*TASK GOAL*
Once the pictures are removed, output the remaining entries exactly as given.

*Data entries*
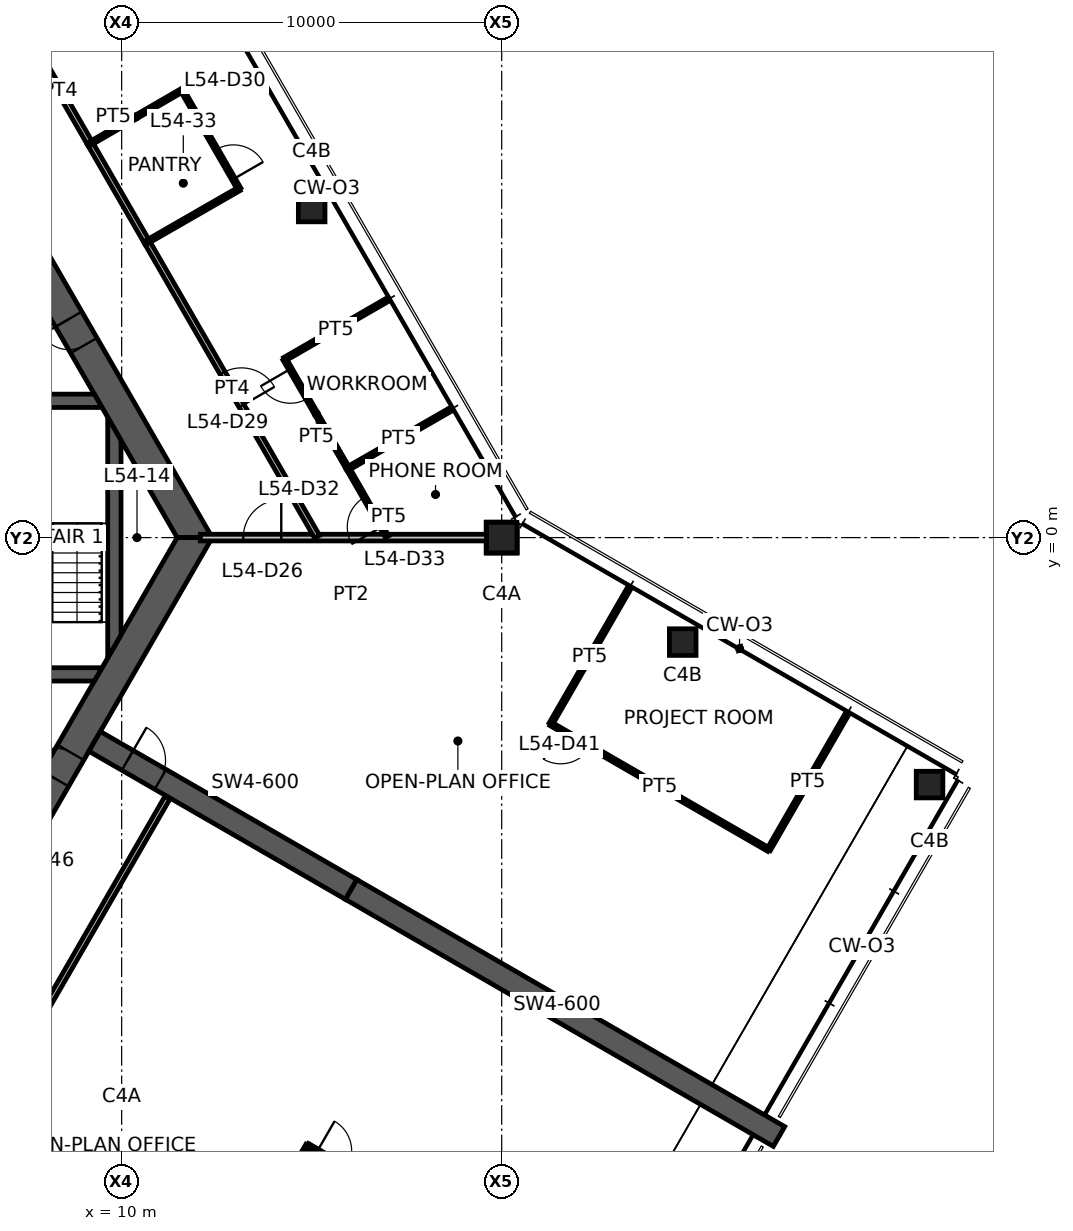
"""IFC4 building model, lengths in metres.
Left out: names, types, materials, properties, quantities, classifications, styles, units other than length and angle.
Written with IfcOpenShell. Run it as: python <this file> out.ifc"""

import sys

from ifc_helpers import new_model, si_unit, direction, frame, frame_2d, origin, origin_2d, place, context, subcontext, project, spatial, polyline, rectangle, hollow_rectangle, outline, extrude, element, fill, save


model = new_model("IFC4")
c1 = context("Model", 3, precision=1e-05, world=origin(), true_north=direction((0.0, 1.0)))
c2 = subcontext(c1, "Body", "Model", "MODEL_VIEW")
j1 = project(units=[si_unit("LENGTHUNIT", "METRE"), si_unit("PLANEANGLEUNIT", "RADIAN")], contexts=[c1])
p1 = place(None, origin())
s1 = spatial("IfcSite", under=j1, at=p1, CompositionType="ELEMENT")
p2 = place(p1, origin())
s2 = spatial("IfcBuilding", under=s1, at=p2, CompositionType="ELEMENT")
p3 = place(p2, frame((0.0, 0.0, 216.7)))
s3 = spatial("IfcBuildingStorey", under=s2, at=p3, CompositionType="ELEMENT", Elevation=216.7)
p4 = place(p3, frame((20.0, 0.0, 0.0), z_axis=(0.0, 0.0, 1.0), x_axis=(1.0, 0.0, 0.0)))
e1 = element("IfcColumn", 1, at=p4, inside=s3, PredefinedType="COLUMN", context=c2, shape_type="SweptSolid", body=[
    extrude(hollow_rectangle(XDim=0.8, YDim=0.8, WallThickness=0.04, at=origin_2d()), origin(), (0.0, 0.0, 1.0), 3.9),
])
for number, where, z_axis, x_axis in (
    (2, (15.0, 8.66, 0.0), (0.0, 0.0, 1.0), (1.0, 0.0, 0.0)),
    (3, (24.763, -2.75, 0.0), (0.0, 0.0, 1.0), (1.0, 0.0, 0.0)),
    (4, (31.258, -6.5, 0.0), (0.0, 0.0, 1.0), (1.0, 0.0, 0.0)),
):
    element("IfcColumn", number, at=place(p3, frame(where, z_axis=z_axis, x_axis=x_axis)), inside=s3, PredefinedType="COLUMN", context=c2, shape_type="SweptSolid", body=[
        extrude(hollow_rectangle(XDim=0.7, YDim=0.7, WallThickness=0.032, at=origin_2d()), origin(), (0.0, 0.0, 1.0), 3.9),
    ])
p5 = place(p3, frame((11.922, 0.0, 0.0), z_axis=(0.0, 0.0, 1.0), x_axis=(-0.500004296715, 0.866022923061, 0.0)))
e5 = element("IfcWall", 5, at=p5, inside=s3, PredefinedType="SHEAR", context=c2, shape_type="SweptSolid", body=[
    extrude(outline(polyline([(-0.231, -0.4), (5.835, -0.4), (6.635, -0.4), (12.153, -0.4), (11.691, 0.4), (6.635, 0.4), (5.835, 0.4), (0.231, 0.4), (-0.231, -0.4)])), origin(), (0.0, 0.0, 1.0), 3.9),
])
p6 = place(p5, frame((5.835, 0.0, 0.0)))
e6 = element("IfcOpeningElement", 6, at=p6, cuts=e5, PredefinedType="OPENING", context=c2, shape_type="SweptSolid", body=[
    extrude(rectangle(XDim=0.8, YDim=2.1, at=frame_2d((0.4, 1.05))), frame((0.0, 0.41, 0.0), z_axis=(0.0, -1.0, 0.0), x_axis=(1.0, 0.0, 0.0)), (0.0, 0.0, 1.0), 0.82),
])
p7 = place(p3, frame((5.961, -10.325, 0.0), z_axis=(0.0, 0.0, 1.0), x_axis=(0.500004296715, 0.866022923061, 0.0)))
e7 = element("IfcWall", 7, at=p7, inside=s3, PredefinedType="SHEAR", context=c2, shape_type="SweptSolid", body=[
    extrude(outline(polyline([(-0.231, -0.4), (4.594, -0.4), (5.394, -0.4), (12.153, -0.4), (11.691, 0.4), (5.394, 0.4), (4.594, 0.4), (0.231, 0.4), (-0.231, -0.4)])), origin(), (0.0, 0.0, 1.0), 3.9),
])
p8 = place(p7, frame((4.594, 0.0, 0.0)))
e8 = element("IfcOpeningElement", 8, at=p8, cuts=e7, PredefinedType="OPENING", context=c2, shape_type="SweptSolid", body=[
    extrude(rectangle(XDim=0.8, YDim=2.1, at=frame_2d((0.4, 1.05))), frame((0.0, 0.41, 0.0), z_axis=(0.0, -1.0, 0.0), x_axis=(1.0, 0.0, 0.0)), (0.0, 0.0, 1.0), 0.82),
])
p9 = place(p3, frame((9.288, -5.363, 0.0), z_axis=(0.0, 0.0, 1.0), x_axis=(0.866031736626, -0.499989031036, 0.0)))
e9 = element("IfcWall", 9, at=p9, inside=s3, PredefinedType="SHEAR", context=c2, shape_type="SweptSolid", body=[
    extrude(rectangle(XDim=7.796, YDim=0.6, at=frame_2d((3.898, 0.0))), origin(), (0.0, 0.0, 1.0), 3.9),
])
p10 = place(p9, frame((1.0, 0.0, 0.0)))
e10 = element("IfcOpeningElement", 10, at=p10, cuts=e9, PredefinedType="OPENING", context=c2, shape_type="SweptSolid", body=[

*FINAL ANSWER*
"""IFC4 building model, lengths in metres.
Left out: names, types, materials, properties, quantities, classifications, styles, units other than length and angle.
Written with IfcOpenShell. Run it as: python <this file> out.ifc"""

import sys

from ifc_helpers import new_model, si_unit, direction, frame, frame_2d, origin, origin_2d, place, context, subcontext, project, spatial, polyline, rectangle, hollow_rectangle, outline, extrude, element, fill, save


model = new_model("IFC4")
c1 = context("Model", 3, precision=1e-05, world=origin(), true_north=direction((0.0, 1.0)))
c2 = subcontext(c1, "Body", "Model", "MODEL_VIEW")
j1 = project(units=[si_unit("LENGTHUNIT", "METRE"), si_unit("PLANEANGLEUNIT", "RADIAN")], contexts=[c1])
p1 = place(None, origin())
s1 = spatial("IfcSite", under=j1, at=p1, CompositionType="ELEMENT")
p2 = place(p1, origin())
s2 = spatial("IfcBuilding", under=s1, at=p2, CompositionType="ELEMENT")
p3 = place(p2, frame((0.0, 0.0, 216.7)))
s3 = spatial("IfcBuildingStorey", under=s2, at=p3, CompositionType="ELEMENT", Elevation=216.7)
p4 = place(p3, frame((20.0, 0.0, 0.0), z_axis=(0.0, 0.0, 1.0), x_axis=(1.0, 0.0, 0.0)))
e1 = element("IfcColumn", 1, at=p4, inside=s3, PredefinedType="COLUMN", context=c2, shape_type="SweptSolid", body=[
    extrude(hollow_rectangle(XDim=0.8, YDim=0.8, WallThickness=0.04, at=origin_2d()), origin(), (0.0, 0.0, 1.0), 3.9),
])
for number, where, z_axis, x_axis in (
    (2, (15.0, 8.66, 0.0), (0.0, 0.0, 1.0), (1.0, 0.0, 0.0)),
    (3, (24.763, -2.75, 0.0), (0.0, 0.0, 1.0), (1.0, 0.0, 0.0)),
    (4, (31.258, -6.5, 0.0), (0.0, 0.0, 1.0), (1.0, 0.0, 0.0)),
):
    element("IfcColumn", number, at=place(p3, frame(where, z_axis=z_axis, x_axis=x_axis)), inside=s3, PredefinedType="COLUMN", context=c2, shape_type="SweptSolid", body=[
        extrude(hollow_rectangle(XDim=0.7, YDim=0.7, WallThickness=0.032, at=origin_2d()), origin(), (0.0, 0.0, 1.0), 3.9),
    ])
p5 = place(p3, frame((11.922, 0.0, 0.0), z_axis=(0.0, 0.0, 1.0), x_axis=(-0.500004296715, 0.866022923061, 0.0)))
e5 = element("IfcWall", 5, at=p5, inside=s3, PredefinedType="SHEAR", context=c2, shape_type="SweptSolid", body=[
    extrude(outline(polyline([(-0.231, -0.4), (5.835, -0.4), (6.635, -0.4), (12.153, -0.4), (11.691, 0.4), (6.635, 0.4), (5.835, 0.4), (0.231, 0.4), (-0.231, -0.4)])), origin(), (0.0, 0.0, 1.0), 3.9),
])
p6 = place(p5, frame((5.835, 0.0, 0.0)))
e6 = element("IfcOpeningElement", 6, at=p6, cuts=e5, PredefinedType="OPENING", context=c2, shape_type="SweptSolid", body=[
    extrude(rectangle(XDim=0.8, YDim=2.1, at=frame_2d((0.4, 1.05))), frame((0.0, 0.41, 0.0), z_axis=(0.0, -1.0, 0.0), x_axis=(1.0, 0.0, 0.0)), (0.0, 0.0, 1.0), 0.82),
])
p7 = place(p3, frame((5.961, -10.325, 0.0), z_axis=(0.0, 0.0, 1.0), x_axis=(0.500004296715, 0.866022923061, 0.0)))
e7 = element("IfcWall", 7, at=p7, inside=s3, PredefinedType="SHEAR", context=c2, shape_type="SweptSolid", body=[
    extrude(outline(polyline([(-0.231, -0.4), (4.594, -0.4), (5.394, -0.4), (12.153, -0.4), (11.691, 0.4), (5.394, 0.4), (4.594, 0.4), (0.231, 0.4), (-0.231, -0.4)])), origin(), (0.0, 0.0, 1.0), 3.9),
])
p8 = place(p7, frame((4.594, 0.0, 0.0)))
e8 = element("IfcOpeningElement", 8, at=p8, cuts=e7, PredefinedType="OPENING", context=c2, shape_type="SweptSolid", body=[
    extrude(rectangle(XDim=0.8, YDim=2.1, at=frame_2d((0.4, 1.05))), frame((0.0, 0.41, 0.0), z_axis=(0.0, -1.0, 0.0), x_axis=(1.0, 0.0, 0.0)), (0.0, 0.0, 1.0), 0.82),
])
p9 = place(p3, frame((9.288, -5.363, 0.0), z_axis=(0.0, 0.0, 1.0), x_axis=(0.866031736626, -0.499989031036, 0.0)))
e9 = element("IfcWall", 9, at=p9, inside=s3, PredefinedType="SHEAR", context=c2, shape_type="SweptSolid", body=[
    extrude(rectangle(XDim=7.796, YDim=0.6, at=frame_2d((3.898, 0.0))), origin(), (0.0, 0.0, 1.0), 3.9),
])
p10 = place(p9, frame((1.0, 0.0, 0.0)))
e10 = element("IfcOpeningElement", 10, at=p10, cuts=e9, PredefinedType="OPENING", context=c2, shape_type="SweptSolid", body=[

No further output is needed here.